Data excerpts
○ ○ ○ ○
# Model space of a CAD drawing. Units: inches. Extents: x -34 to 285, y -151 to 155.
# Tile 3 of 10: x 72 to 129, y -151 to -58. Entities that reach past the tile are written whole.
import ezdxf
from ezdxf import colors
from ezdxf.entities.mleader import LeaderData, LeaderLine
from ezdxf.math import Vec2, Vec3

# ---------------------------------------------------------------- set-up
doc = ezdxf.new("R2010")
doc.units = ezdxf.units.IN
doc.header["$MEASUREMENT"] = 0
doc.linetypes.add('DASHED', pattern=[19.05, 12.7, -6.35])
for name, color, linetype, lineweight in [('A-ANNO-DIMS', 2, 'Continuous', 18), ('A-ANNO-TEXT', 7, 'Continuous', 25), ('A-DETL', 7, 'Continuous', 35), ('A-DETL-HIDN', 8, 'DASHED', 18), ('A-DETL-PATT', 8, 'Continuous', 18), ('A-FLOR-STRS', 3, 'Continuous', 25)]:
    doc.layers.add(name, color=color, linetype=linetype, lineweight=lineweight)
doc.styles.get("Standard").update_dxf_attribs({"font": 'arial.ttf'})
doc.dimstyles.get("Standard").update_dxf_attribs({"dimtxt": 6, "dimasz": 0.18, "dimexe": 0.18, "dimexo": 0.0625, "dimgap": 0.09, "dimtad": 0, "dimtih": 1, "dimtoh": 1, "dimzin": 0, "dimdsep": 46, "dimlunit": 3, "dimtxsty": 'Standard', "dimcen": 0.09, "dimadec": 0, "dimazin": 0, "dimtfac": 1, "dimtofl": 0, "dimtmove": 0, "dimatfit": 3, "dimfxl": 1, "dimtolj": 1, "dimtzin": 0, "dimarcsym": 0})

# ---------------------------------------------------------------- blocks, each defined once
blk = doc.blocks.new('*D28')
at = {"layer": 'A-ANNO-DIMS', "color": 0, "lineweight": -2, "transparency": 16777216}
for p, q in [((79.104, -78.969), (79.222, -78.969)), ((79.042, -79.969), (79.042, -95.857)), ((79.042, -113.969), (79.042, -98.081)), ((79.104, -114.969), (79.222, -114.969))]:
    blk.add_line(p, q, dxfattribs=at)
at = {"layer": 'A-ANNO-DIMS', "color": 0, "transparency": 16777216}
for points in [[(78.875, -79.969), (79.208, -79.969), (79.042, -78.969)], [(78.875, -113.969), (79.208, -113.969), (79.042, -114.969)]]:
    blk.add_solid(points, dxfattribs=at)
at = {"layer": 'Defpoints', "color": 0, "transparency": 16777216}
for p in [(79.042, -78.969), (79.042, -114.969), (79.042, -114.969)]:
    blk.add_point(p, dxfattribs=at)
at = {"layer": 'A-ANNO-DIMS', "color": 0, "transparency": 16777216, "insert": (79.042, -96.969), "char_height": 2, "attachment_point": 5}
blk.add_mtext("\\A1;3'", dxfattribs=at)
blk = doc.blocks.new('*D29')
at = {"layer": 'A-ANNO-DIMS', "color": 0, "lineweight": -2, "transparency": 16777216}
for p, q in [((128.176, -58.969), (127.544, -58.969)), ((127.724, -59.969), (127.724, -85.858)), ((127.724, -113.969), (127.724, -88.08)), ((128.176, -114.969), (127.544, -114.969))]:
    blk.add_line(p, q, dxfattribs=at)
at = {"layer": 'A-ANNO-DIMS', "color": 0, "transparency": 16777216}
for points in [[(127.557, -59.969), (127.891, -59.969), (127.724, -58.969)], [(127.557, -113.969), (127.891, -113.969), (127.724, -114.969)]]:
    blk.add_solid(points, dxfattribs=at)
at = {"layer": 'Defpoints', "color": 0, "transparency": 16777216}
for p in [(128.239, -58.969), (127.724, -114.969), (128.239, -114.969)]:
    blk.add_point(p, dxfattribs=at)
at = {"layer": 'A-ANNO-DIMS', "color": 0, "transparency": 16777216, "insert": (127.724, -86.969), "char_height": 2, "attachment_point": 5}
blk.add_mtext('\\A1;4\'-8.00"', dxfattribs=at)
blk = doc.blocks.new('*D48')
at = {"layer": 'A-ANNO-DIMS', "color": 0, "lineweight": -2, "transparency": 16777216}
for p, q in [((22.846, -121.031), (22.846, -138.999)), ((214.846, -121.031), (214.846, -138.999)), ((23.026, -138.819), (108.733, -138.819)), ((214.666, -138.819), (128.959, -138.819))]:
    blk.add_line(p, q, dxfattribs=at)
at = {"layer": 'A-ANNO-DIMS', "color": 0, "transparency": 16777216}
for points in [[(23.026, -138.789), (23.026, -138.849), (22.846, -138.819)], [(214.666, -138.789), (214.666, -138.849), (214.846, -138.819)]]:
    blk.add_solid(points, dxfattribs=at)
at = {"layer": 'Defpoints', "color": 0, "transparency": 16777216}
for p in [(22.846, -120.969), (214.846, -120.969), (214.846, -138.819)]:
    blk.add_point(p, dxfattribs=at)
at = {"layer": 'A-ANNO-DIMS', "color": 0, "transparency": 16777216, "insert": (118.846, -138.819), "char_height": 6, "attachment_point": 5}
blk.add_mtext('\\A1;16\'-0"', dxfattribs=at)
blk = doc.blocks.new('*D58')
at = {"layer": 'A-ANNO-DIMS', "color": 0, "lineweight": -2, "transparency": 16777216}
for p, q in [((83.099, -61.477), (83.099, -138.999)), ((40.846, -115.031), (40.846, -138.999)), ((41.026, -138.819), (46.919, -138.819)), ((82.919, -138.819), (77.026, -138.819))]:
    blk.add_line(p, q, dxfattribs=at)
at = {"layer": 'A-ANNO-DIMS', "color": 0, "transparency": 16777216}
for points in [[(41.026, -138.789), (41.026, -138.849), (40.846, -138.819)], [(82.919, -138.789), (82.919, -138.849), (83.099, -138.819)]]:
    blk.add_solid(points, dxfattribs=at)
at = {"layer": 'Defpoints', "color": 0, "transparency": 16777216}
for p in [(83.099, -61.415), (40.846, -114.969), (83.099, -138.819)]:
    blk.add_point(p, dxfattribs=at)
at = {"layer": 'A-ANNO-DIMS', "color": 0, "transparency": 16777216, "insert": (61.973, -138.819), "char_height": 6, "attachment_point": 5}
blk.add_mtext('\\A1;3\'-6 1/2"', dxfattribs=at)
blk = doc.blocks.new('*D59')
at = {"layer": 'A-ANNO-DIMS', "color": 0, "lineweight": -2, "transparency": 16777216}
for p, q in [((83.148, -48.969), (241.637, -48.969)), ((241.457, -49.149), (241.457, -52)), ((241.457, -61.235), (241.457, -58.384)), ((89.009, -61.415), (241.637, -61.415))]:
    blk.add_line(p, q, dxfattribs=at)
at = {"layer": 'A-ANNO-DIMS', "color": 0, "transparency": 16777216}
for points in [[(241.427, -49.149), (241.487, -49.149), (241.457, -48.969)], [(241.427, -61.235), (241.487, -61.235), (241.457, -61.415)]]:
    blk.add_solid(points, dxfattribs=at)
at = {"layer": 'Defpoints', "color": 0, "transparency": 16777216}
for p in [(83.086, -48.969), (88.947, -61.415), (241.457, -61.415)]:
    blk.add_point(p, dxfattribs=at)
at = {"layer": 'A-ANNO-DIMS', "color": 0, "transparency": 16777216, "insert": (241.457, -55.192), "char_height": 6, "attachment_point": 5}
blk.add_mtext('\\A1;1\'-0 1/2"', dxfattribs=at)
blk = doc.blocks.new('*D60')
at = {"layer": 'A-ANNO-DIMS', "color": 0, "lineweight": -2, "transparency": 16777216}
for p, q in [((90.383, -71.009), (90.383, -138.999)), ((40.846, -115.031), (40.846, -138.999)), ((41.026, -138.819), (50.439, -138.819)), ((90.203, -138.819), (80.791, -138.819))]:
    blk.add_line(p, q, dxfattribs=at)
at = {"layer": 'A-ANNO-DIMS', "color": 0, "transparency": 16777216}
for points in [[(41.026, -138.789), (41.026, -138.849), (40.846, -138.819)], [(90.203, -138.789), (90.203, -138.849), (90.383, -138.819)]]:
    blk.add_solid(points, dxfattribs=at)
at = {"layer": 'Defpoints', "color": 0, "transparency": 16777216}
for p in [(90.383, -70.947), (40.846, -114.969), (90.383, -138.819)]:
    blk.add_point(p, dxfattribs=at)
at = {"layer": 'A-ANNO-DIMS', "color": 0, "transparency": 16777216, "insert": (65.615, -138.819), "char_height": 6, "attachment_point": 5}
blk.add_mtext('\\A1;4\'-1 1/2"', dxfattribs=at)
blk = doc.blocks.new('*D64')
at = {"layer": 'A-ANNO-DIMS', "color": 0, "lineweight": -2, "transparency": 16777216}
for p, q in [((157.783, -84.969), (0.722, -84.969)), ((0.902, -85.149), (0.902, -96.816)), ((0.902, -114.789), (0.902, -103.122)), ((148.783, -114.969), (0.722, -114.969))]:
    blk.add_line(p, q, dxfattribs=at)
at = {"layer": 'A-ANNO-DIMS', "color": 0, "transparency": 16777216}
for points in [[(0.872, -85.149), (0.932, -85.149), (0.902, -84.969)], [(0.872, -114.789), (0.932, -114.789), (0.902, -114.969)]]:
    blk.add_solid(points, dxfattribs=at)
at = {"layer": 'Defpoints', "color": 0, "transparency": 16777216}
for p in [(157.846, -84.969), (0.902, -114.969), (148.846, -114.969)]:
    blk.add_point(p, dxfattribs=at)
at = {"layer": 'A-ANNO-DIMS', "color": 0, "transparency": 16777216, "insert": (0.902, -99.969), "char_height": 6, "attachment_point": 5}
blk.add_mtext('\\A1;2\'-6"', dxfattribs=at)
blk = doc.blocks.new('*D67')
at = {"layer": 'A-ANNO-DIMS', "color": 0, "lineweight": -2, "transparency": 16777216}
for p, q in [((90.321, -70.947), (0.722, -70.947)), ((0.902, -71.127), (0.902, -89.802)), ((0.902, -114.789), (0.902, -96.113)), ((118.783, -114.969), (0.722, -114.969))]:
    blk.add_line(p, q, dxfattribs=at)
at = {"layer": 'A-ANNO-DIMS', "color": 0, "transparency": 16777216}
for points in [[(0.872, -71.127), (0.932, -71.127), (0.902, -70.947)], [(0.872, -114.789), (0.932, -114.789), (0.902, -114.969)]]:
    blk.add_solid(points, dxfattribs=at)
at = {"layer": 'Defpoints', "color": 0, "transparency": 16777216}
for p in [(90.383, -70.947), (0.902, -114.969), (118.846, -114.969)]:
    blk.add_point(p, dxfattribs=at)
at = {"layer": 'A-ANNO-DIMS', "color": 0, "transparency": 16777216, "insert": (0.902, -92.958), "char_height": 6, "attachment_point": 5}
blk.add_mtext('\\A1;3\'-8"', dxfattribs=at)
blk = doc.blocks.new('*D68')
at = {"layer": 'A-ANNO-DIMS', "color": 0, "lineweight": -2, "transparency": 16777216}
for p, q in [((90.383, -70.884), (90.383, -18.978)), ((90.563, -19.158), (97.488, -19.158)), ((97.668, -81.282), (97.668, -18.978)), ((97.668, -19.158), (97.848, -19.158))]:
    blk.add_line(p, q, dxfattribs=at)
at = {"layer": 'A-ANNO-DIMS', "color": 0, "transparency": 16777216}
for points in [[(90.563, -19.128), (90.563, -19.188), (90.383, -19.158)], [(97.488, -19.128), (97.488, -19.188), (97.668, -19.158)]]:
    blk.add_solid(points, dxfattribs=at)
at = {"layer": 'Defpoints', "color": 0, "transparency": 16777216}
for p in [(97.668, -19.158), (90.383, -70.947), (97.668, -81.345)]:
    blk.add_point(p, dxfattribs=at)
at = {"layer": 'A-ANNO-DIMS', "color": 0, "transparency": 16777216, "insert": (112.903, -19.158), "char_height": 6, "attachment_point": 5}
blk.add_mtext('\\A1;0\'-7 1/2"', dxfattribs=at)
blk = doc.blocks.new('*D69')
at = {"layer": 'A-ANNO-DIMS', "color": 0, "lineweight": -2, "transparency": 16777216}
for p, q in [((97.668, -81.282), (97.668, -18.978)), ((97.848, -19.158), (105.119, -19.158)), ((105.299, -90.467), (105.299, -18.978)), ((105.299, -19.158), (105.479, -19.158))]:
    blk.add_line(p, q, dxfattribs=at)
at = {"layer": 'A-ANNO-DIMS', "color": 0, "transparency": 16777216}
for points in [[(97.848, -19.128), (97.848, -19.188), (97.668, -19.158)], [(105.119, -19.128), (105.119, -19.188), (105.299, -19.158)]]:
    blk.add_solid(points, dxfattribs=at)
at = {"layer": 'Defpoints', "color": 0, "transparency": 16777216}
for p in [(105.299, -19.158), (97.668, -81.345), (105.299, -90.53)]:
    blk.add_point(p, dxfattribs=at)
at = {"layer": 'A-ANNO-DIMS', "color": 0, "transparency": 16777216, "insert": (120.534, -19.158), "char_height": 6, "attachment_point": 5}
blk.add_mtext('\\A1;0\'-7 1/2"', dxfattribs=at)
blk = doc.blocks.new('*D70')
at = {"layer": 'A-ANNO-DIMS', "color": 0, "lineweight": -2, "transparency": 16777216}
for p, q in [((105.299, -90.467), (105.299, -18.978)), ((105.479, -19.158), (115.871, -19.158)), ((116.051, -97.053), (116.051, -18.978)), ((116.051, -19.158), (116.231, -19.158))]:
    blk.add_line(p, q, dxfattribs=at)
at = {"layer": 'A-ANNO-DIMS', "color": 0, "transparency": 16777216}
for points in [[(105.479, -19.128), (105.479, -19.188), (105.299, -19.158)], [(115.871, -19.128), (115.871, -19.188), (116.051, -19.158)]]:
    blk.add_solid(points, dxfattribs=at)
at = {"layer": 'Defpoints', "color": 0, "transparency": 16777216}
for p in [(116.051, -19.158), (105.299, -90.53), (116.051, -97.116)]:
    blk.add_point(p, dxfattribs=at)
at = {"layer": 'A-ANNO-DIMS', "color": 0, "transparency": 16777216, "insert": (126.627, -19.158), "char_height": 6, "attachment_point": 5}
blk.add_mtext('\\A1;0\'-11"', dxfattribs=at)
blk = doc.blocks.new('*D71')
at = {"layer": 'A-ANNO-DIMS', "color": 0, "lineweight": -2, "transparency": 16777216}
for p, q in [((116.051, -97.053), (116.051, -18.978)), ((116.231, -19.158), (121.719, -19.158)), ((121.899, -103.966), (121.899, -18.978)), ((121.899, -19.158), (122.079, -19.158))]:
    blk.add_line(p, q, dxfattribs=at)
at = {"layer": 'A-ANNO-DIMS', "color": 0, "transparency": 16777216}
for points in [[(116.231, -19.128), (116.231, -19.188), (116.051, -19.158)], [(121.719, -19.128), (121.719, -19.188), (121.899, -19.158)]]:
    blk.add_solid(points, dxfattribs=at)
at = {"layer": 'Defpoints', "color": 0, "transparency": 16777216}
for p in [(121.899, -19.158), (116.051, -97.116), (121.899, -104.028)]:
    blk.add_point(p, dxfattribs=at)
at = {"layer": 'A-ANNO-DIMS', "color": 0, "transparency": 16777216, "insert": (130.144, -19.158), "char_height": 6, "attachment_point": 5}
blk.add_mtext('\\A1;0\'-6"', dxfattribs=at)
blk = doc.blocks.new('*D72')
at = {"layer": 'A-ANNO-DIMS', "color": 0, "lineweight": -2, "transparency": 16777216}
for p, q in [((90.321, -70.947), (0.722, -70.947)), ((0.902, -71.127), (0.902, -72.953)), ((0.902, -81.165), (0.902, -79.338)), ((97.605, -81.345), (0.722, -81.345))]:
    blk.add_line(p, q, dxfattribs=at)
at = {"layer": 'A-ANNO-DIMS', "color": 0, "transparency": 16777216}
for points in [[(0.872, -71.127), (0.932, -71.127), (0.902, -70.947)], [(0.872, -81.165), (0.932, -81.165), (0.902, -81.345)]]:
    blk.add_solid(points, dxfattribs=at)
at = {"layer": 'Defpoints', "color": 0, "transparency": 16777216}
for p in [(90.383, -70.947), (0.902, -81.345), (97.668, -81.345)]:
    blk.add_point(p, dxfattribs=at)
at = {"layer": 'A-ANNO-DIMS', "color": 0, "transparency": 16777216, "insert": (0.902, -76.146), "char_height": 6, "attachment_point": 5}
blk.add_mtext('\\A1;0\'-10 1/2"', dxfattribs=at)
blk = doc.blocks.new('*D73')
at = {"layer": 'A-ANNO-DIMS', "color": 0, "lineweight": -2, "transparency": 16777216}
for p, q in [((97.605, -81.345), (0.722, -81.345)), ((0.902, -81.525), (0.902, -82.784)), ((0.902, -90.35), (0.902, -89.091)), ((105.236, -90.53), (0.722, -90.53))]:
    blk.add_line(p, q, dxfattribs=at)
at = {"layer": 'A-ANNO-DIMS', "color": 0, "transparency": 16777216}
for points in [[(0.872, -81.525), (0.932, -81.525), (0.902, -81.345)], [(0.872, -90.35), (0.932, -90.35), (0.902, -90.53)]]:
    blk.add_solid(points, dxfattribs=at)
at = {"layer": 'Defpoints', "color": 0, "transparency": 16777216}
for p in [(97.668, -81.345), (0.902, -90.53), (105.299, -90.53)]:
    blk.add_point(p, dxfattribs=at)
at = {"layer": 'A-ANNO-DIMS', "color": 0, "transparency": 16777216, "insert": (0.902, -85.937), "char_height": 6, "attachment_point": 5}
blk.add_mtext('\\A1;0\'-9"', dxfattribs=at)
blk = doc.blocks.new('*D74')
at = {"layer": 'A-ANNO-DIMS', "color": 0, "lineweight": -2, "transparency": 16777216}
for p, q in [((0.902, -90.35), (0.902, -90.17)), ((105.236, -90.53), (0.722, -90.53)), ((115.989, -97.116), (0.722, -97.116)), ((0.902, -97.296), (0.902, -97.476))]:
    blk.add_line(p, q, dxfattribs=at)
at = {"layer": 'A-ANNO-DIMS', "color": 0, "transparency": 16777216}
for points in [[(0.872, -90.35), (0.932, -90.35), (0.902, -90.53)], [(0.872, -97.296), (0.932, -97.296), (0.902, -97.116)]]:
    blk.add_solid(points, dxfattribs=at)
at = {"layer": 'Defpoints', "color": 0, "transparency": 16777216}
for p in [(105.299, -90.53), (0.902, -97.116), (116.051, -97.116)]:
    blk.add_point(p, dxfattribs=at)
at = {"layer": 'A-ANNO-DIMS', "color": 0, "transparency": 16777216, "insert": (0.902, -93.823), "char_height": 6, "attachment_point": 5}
○ ○ ○ ○
§ To do: Report how many lines of the records above contain the word "ezdxf", and give only that number.

§ Result of this task: 6